## [Information supplied]
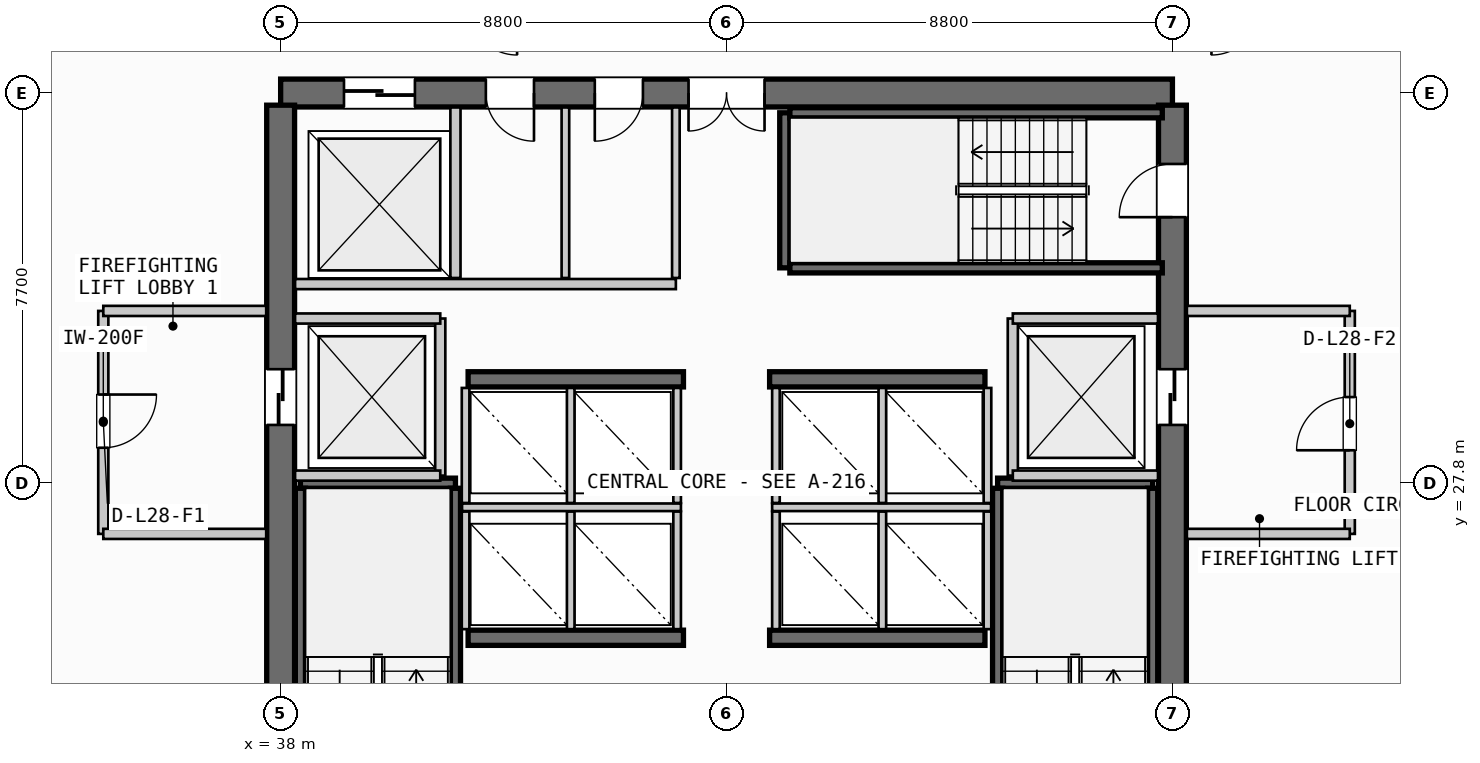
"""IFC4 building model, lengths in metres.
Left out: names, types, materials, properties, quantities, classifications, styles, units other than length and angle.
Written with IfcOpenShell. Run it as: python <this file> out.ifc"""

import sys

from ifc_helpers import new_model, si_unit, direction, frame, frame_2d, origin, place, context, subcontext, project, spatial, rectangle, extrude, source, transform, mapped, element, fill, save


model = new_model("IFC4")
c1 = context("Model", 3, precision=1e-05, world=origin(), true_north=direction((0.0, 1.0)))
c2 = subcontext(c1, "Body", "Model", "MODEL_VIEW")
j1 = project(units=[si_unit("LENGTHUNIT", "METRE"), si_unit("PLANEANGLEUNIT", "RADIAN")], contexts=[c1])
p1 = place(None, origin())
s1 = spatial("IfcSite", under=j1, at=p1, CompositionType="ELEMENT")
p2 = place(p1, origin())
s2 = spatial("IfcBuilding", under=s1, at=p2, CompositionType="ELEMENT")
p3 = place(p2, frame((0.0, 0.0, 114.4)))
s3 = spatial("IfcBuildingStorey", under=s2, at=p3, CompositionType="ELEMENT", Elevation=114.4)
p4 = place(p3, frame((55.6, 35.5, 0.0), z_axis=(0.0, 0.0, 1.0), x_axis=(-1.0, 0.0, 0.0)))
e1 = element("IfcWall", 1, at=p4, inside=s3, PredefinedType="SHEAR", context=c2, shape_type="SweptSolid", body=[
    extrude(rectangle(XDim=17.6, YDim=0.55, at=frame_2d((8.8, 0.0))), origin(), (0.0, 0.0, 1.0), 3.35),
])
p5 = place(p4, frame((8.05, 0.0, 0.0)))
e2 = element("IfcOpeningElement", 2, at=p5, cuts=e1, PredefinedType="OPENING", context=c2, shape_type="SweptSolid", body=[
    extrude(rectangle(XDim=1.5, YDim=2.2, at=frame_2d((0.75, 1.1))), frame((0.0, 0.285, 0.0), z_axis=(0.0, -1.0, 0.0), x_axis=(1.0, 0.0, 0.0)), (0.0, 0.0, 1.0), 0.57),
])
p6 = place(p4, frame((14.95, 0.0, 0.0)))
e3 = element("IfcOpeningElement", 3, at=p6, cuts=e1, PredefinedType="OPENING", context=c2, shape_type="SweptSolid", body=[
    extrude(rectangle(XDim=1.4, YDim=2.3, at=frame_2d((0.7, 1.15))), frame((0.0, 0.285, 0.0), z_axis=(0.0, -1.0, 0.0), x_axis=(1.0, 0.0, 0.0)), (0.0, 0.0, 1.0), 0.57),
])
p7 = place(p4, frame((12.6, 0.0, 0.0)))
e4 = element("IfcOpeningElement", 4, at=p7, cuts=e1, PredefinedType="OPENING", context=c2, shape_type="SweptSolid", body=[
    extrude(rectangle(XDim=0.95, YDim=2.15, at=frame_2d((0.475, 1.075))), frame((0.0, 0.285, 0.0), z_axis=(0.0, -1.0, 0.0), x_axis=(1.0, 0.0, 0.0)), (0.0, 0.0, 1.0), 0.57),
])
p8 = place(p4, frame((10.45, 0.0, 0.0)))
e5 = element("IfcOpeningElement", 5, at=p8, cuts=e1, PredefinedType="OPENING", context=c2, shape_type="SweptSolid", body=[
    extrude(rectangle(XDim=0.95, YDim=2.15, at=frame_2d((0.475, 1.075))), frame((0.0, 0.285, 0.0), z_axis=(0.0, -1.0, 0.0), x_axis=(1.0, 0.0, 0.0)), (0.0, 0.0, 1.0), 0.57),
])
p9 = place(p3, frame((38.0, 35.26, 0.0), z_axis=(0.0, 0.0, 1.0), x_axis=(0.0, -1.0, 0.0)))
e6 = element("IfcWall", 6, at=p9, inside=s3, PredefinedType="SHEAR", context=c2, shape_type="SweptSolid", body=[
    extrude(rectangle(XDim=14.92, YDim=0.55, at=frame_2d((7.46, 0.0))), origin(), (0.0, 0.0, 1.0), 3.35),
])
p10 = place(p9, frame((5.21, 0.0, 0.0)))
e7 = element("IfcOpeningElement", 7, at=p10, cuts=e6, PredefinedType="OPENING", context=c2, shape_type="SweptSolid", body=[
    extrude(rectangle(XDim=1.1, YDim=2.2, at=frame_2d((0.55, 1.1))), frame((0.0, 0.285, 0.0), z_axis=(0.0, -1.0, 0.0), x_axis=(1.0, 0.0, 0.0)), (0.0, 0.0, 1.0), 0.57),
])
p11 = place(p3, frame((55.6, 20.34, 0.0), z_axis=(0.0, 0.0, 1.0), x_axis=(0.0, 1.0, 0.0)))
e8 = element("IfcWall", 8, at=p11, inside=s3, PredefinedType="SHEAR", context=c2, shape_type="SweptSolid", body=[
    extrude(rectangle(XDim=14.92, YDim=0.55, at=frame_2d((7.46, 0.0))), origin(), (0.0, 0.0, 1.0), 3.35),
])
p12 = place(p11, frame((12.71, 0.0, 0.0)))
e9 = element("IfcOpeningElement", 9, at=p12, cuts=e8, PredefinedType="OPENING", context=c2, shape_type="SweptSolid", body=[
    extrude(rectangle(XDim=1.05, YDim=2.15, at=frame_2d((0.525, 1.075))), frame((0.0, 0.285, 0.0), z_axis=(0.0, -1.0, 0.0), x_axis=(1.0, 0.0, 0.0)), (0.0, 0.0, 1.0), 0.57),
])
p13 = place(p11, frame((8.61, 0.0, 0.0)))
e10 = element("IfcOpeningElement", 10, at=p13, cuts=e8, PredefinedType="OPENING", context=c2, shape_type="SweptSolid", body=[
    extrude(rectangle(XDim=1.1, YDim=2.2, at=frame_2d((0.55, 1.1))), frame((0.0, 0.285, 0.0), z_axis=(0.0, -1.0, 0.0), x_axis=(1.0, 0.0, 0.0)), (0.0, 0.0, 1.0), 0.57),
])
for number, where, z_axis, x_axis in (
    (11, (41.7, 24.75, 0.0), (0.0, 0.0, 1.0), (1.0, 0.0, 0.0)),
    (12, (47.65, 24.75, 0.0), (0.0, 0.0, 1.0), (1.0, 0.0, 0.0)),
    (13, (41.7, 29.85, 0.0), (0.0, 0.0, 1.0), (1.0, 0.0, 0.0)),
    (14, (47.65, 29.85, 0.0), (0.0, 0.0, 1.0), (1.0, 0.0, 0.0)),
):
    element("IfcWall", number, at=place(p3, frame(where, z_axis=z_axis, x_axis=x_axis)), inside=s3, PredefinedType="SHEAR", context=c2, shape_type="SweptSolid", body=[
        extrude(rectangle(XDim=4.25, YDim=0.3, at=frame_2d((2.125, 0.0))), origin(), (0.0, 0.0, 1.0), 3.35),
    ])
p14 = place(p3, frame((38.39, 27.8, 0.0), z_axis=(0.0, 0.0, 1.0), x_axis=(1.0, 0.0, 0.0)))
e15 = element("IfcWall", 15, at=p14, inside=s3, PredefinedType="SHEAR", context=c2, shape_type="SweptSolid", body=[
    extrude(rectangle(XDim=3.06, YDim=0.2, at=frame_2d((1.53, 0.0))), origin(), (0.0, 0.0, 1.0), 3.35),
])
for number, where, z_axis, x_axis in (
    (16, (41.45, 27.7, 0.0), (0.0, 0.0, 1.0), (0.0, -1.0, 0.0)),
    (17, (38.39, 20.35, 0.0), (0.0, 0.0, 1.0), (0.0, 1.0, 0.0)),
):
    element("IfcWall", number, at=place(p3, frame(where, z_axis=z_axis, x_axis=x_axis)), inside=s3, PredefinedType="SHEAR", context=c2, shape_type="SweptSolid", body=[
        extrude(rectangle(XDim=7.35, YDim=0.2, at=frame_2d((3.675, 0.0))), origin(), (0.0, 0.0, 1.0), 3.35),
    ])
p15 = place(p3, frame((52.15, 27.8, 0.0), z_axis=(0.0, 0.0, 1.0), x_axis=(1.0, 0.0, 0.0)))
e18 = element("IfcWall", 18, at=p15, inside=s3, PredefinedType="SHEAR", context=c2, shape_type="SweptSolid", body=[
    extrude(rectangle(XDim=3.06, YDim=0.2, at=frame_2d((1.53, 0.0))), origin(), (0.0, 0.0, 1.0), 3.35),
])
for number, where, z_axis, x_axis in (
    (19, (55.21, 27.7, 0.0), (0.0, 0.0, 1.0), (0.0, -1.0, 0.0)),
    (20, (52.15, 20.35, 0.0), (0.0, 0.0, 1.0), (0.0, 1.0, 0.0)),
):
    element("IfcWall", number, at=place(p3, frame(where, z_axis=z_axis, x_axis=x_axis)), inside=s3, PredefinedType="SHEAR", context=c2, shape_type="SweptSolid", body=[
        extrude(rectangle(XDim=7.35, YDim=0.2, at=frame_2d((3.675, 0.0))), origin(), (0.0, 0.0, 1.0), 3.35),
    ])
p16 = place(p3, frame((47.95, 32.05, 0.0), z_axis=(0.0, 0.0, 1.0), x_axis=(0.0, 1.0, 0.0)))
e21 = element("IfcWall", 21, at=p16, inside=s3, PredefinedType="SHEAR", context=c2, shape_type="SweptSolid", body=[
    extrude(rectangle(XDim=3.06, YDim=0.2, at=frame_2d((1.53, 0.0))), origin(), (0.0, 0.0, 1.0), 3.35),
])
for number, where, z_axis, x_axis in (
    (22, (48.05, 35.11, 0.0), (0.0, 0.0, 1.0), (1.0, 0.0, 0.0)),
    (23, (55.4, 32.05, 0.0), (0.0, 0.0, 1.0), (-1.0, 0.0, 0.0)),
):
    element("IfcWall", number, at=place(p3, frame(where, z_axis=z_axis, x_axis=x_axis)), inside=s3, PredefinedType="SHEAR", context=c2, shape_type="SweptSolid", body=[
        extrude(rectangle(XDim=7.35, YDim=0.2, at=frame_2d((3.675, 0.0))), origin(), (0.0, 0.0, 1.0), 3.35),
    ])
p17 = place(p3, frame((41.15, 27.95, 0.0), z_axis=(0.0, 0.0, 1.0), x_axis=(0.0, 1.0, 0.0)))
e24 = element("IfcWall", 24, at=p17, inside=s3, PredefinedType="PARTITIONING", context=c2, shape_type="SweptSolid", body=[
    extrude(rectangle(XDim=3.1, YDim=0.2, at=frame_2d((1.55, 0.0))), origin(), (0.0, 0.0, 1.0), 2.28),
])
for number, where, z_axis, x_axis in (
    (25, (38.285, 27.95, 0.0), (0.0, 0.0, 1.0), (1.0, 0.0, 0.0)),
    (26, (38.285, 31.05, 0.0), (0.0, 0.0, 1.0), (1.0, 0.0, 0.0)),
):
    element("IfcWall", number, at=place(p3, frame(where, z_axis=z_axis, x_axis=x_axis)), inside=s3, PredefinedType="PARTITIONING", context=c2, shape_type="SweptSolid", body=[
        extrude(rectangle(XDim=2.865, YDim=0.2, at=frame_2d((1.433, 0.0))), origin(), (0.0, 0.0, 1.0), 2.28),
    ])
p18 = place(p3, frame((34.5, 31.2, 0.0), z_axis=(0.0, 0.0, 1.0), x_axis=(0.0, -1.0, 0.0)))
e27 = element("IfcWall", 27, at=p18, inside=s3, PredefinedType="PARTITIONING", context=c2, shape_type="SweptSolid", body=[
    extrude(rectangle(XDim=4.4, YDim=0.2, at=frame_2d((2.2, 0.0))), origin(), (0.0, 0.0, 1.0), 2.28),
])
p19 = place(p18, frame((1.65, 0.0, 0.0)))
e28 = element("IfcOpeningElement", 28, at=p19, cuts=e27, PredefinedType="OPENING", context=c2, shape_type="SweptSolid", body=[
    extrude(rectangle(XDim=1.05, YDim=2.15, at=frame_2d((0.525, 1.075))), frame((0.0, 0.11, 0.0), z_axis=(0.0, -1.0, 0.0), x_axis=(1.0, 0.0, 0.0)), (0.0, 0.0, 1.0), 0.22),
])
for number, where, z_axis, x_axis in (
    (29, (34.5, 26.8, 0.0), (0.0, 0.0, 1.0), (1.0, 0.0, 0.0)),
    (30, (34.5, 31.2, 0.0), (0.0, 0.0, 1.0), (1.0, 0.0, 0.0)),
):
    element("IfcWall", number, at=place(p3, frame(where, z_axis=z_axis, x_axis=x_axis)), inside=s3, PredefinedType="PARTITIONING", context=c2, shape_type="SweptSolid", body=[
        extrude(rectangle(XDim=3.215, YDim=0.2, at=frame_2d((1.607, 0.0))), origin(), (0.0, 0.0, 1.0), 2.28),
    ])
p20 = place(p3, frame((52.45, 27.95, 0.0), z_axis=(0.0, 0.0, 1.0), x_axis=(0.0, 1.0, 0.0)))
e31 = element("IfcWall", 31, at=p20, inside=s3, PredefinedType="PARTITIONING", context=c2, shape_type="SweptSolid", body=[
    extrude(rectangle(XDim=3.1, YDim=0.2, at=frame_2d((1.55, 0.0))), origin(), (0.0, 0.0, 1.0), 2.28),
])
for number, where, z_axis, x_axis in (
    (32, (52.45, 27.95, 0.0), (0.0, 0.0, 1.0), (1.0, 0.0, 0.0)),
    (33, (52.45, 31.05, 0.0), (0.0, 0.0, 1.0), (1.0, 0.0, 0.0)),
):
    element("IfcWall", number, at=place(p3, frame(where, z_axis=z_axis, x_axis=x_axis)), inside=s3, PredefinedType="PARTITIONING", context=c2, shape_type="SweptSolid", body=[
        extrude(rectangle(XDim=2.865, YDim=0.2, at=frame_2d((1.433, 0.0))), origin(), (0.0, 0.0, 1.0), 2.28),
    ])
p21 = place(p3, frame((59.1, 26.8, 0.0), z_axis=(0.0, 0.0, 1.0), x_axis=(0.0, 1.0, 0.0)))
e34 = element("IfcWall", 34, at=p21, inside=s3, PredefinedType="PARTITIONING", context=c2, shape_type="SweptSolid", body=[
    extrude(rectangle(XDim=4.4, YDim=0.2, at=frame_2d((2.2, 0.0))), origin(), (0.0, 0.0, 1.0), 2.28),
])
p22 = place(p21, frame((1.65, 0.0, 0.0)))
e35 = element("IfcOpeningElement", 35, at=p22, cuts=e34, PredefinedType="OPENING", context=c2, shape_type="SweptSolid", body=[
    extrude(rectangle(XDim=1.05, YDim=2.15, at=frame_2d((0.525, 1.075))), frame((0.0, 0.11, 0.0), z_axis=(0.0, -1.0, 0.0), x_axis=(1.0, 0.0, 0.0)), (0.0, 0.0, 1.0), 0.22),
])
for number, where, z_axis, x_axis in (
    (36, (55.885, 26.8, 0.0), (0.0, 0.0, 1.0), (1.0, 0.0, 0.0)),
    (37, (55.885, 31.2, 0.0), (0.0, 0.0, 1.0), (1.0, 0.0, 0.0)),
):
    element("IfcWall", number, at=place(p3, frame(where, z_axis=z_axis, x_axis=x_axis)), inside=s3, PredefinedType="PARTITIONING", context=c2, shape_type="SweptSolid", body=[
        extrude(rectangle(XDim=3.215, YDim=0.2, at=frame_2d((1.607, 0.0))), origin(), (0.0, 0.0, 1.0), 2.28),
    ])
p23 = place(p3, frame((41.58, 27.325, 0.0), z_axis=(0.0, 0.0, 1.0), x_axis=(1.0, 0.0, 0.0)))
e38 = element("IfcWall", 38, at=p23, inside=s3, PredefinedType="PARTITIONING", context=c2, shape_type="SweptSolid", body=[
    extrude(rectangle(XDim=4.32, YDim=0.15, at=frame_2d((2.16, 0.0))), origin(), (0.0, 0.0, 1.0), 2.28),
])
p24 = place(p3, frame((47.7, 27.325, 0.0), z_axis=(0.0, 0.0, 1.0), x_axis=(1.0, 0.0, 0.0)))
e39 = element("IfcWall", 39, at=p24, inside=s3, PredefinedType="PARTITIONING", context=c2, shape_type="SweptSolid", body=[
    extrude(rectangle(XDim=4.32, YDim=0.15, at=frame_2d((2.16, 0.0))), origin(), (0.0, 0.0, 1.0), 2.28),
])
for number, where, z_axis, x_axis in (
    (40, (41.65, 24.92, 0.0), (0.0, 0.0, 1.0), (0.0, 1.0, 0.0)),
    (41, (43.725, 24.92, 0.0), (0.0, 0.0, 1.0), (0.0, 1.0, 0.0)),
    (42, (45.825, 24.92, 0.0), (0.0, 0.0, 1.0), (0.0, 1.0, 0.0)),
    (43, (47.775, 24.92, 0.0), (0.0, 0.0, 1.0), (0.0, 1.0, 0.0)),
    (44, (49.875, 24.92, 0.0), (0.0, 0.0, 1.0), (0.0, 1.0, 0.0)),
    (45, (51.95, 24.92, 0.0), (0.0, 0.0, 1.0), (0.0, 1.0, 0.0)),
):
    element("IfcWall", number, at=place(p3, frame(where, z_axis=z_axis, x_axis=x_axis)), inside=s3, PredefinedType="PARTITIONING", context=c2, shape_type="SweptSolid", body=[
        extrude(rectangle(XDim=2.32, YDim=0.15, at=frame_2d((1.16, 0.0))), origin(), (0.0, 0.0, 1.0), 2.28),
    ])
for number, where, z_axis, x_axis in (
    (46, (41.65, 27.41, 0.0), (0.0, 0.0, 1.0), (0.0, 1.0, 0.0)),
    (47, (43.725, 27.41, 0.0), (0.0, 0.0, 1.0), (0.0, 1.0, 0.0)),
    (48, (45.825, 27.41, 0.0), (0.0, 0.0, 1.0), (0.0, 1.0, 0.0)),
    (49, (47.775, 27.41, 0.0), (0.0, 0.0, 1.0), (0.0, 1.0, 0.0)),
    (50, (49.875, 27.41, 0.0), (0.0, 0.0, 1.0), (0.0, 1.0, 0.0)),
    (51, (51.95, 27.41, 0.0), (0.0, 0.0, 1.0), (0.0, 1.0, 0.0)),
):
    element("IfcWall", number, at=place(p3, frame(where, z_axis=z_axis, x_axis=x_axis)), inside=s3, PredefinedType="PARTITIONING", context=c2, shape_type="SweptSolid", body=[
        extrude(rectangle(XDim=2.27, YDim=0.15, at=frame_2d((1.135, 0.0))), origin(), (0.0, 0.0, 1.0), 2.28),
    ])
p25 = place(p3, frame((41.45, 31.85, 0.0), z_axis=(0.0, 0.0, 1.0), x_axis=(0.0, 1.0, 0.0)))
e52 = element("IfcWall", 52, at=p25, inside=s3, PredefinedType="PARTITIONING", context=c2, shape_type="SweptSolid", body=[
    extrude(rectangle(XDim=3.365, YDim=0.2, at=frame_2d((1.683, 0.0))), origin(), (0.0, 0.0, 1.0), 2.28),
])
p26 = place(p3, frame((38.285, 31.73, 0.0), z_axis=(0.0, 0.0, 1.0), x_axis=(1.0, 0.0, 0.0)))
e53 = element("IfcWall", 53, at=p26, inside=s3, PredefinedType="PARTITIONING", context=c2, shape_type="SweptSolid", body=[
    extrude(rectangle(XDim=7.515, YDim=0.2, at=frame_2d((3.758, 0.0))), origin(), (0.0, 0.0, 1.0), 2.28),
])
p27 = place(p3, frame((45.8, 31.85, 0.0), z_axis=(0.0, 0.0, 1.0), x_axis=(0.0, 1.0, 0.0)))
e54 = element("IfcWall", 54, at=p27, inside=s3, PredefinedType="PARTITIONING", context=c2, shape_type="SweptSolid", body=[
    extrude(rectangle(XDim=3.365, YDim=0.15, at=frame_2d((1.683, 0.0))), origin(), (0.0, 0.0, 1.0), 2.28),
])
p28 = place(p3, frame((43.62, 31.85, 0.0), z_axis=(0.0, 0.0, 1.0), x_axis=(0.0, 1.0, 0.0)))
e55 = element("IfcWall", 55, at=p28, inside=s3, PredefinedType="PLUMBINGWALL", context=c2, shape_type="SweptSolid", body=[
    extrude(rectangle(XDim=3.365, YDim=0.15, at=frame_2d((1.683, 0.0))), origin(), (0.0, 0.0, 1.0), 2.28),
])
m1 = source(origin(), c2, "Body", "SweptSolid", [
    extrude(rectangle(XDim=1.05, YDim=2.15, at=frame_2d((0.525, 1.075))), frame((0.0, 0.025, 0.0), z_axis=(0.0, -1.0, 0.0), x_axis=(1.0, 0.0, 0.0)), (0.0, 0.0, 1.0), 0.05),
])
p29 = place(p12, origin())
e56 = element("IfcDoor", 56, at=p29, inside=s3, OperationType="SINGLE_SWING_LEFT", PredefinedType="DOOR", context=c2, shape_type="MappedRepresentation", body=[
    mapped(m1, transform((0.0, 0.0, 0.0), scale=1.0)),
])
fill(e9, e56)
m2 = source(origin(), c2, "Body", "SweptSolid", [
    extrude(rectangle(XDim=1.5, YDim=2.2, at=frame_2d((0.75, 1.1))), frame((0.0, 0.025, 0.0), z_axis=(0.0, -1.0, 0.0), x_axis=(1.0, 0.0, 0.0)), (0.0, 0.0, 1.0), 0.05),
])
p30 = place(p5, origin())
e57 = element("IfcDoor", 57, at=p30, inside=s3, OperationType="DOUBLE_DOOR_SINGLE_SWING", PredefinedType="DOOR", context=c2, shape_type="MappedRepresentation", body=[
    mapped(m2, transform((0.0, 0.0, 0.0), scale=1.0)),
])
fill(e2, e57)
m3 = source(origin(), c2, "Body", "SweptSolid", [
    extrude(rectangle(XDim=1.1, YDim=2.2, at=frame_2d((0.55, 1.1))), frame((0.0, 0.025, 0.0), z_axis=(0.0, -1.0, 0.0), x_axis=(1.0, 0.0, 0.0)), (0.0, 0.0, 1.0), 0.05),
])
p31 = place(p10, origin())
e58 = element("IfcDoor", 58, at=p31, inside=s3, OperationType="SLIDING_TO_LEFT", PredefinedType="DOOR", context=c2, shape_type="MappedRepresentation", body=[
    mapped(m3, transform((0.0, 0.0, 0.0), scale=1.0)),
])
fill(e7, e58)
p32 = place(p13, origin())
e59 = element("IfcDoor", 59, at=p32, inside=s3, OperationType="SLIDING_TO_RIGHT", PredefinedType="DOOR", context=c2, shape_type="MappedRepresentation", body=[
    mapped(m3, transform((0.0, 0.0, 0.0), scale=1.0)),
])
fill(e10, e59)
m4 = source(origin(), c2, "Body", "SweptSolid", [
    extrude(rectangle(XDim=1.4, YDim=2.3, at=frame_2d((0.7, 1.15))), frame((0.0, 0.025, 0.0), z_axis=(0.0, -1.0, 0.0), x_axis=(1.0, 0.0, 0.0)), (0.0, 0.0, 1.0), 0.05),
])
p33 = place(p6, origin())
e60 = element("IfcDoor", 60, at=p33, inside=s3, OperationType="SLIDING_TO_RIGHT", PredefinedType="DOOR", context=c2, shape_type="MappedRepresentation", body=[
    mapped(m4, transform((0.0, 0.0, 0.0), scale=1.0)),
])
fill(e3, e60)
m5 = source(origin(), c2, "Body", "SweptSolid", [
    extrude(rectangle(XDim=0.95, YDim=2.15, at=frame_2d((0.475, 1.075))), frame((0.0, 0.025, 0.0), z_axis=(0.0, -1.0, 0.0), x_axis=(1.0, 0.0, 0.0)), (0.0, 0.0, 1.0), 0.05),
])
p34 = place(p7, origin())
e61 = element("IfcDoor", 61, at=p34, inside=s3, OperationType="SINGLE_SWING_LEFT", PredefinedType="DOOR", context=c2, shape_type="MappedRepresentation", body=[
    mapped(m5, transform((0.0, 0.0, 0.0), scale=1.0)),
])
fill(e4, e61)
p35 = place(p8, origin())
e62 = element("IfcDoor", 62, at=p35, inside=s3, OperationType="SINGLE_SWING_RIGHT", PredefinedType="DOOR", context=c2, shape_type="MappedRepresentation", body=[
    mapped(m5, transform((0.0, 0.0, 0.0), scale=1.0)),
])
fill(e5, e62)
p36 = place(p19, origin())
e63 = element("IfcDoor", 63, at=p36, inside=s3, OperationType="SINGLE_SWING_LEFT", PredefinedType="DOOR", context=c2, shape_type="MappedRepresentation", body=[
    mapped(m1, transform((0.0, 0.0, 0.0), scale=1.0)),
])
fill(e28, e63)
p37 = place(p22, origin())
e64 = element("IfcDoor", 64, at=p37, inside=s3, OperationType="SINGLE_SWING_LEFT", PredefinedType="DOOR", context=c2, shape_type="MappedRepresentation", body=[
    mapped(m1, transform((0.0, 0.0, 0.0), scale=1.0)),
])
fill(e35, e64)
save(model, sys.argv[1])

## [Your instructions]
Set apart and copy each line of the records that holds the word "OPENING".

## [Solution for this task]
e2 = element("IfcOpeningElement", 2, at=p5, cuts=e1, PredefinedType="OPENING", context=c2, shape_type="SweptSolid", body=[
e3 = element("IfcOpeningElement", 3, at=p6, cuts=e1, PredefinedType="OPENING", context=c2, shape_type="SweptSolid", body=[
e4 = element("IfcOpeningElement", 4, at=p7, cuts=e1, PredefinedType="OPENING", context=c2, shape_type="SweptSolid", body=[
e5 = element("IfcOpeningElement", 5, at=p8, cuts=e1, PredefinedType="OPENING", context=c2, shape_type="SweptSolid", body=[
e7 = element("IfcOpeningElement", 7, at=p10, cuts=e6, PredefinedType="OPENING", context=c2, shape_type="SweptSolid", body=[
e9 = element("IfcOpeningElement", 9, at=p12, cuts=e8, PredefinedType="OPENING", context=c2, shape_type="SweptSolid", body=[
e10 = element("IfcOpeningElement", 10, at=p13, cuts=e8, PredefinedType="OPENING", context=c2, shape_type="SweptSolid", body=[
e28 = element("IfcOpeningElement", 28, at=p19, cuts=e27, PredefinedType="OPENING", context=c2, shape_type="SweptSolid", body=[
e35 = element("IfcOpeningElement", 35, at=p22, cuts=e34, PredefinedType="OPENING", context=c2, shape_type="SweptSolid", body=[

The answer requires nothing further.